Activity —
Find every line of the records that has "chamfer" and return it.

Records from a collection:

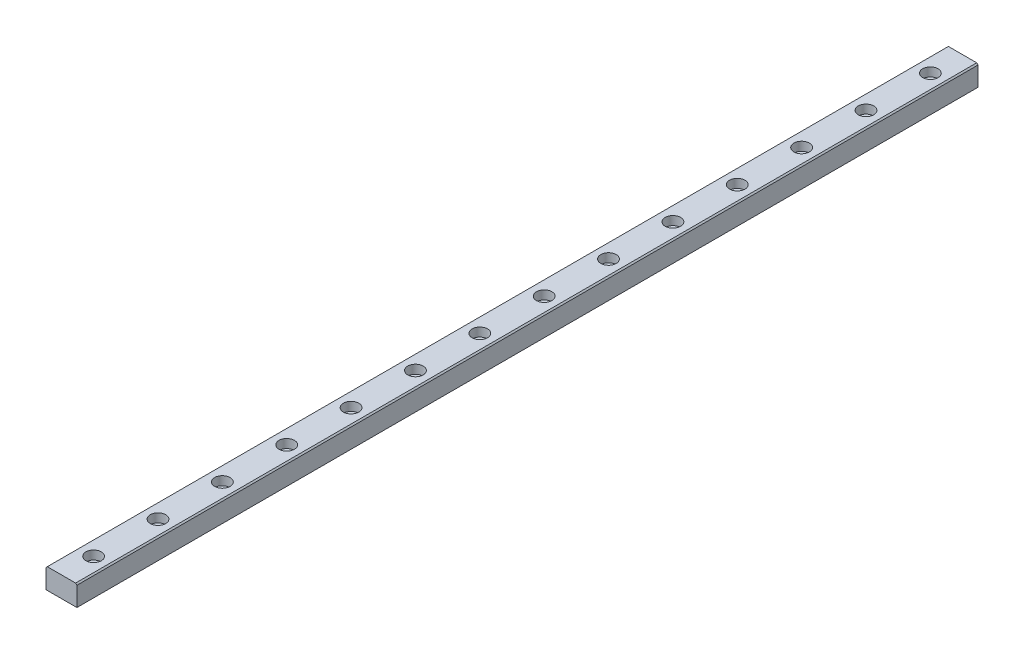
SolidWorks part; units mm, degrees
ref_plane "前视基准面" through (0, 0, 0) normal (0, 0, 1) x (1, 0, 0)
ref_plane "上视基准面" through (0, 0, 0) normal (0, 1, 0) x (1, 0, 0)
ref_plane "右视基准面" through (0, 0, 0) normal (1, 0, 0) x (0, 0, -1)
sketch "草图1" plane through (0, 0, 0) normal (0, 0, 1) x (1, 0, 0)
  line L1 (6, 4) -> (-6, 4)
  line L2 (6, 4) -> (6, -4)
  line L3 (6, -4) -> (-6, -4)
  line L4 (-6, 4) -> (-6, -4)
  line L5 (6, 4) -> (-6, -4) construction
  line L6 (6, -4) -> (-6, 4) construction
  point P0 (0, 0)
  dimension "D1" = 12
  dimension "D2" = 8
extrude "凸台-拉伸1" add sketch "草图1" along normal blind 350
chamfer "倒角1" distance 0.5 distance2 0.5 1 edges at (6, 4, 175)
chamfer "倒角2" distance 0.5 distance2 0.5 1 edges at (-6, 4, 175)
hole_wizard "打孔尺寸根据内六角圆柱头螺钉的类型1" positions "草图3" profile "草图2" counterbore size "M3" standard "Gb" end condition through all
sketch "草图3" plane through (0, 4, 0) normal (0, 1, 0) x (1, 0, 0)
  line L0 (5.5, 0) -> (-5.5, 0) construction
  point P0 (0, -12.5)
  dimension "D1" = 12.5
sketch "草图2" plane through (0, 4, 12.5) normal (1, 0, 0) x (0, 0, 1)
  line L0 (0, 0) -> (0, 8)
  line L1 (0, 8) -> (1.7, 8)
  line L3 (1.7, 8) -> (1.7, 3.4)
  line L4 (1.7, 3.4) -> (3, 3.4)
  line L5 (3, 3.4) -> (3, 0)
  line L7 (3, 0) -> (0, 0)
  line L11 (0, -6.35) -> (0, 107.95) construction
  dimension "通孔孔直径" = 3.4
  dimension "通孔孔深度" = 8
  dimension "柱形沉头孔直径" = 6
  dimension "柱形沉头孔深度" = 3.4
pattern_linear "阵列(线性)1" count 14 spacing 25 along (0, 0, 1) of "打孔尺寸根据内六角圆柱头螺钉的类型1"

Output —
chamfer "倒角1" distance 0.5 distance2 0.5 1 edges at (6, 4, 175)
chamfer "倒角2" distance 0.5 distance2 0.5 1 edges at (-6, 4, 175)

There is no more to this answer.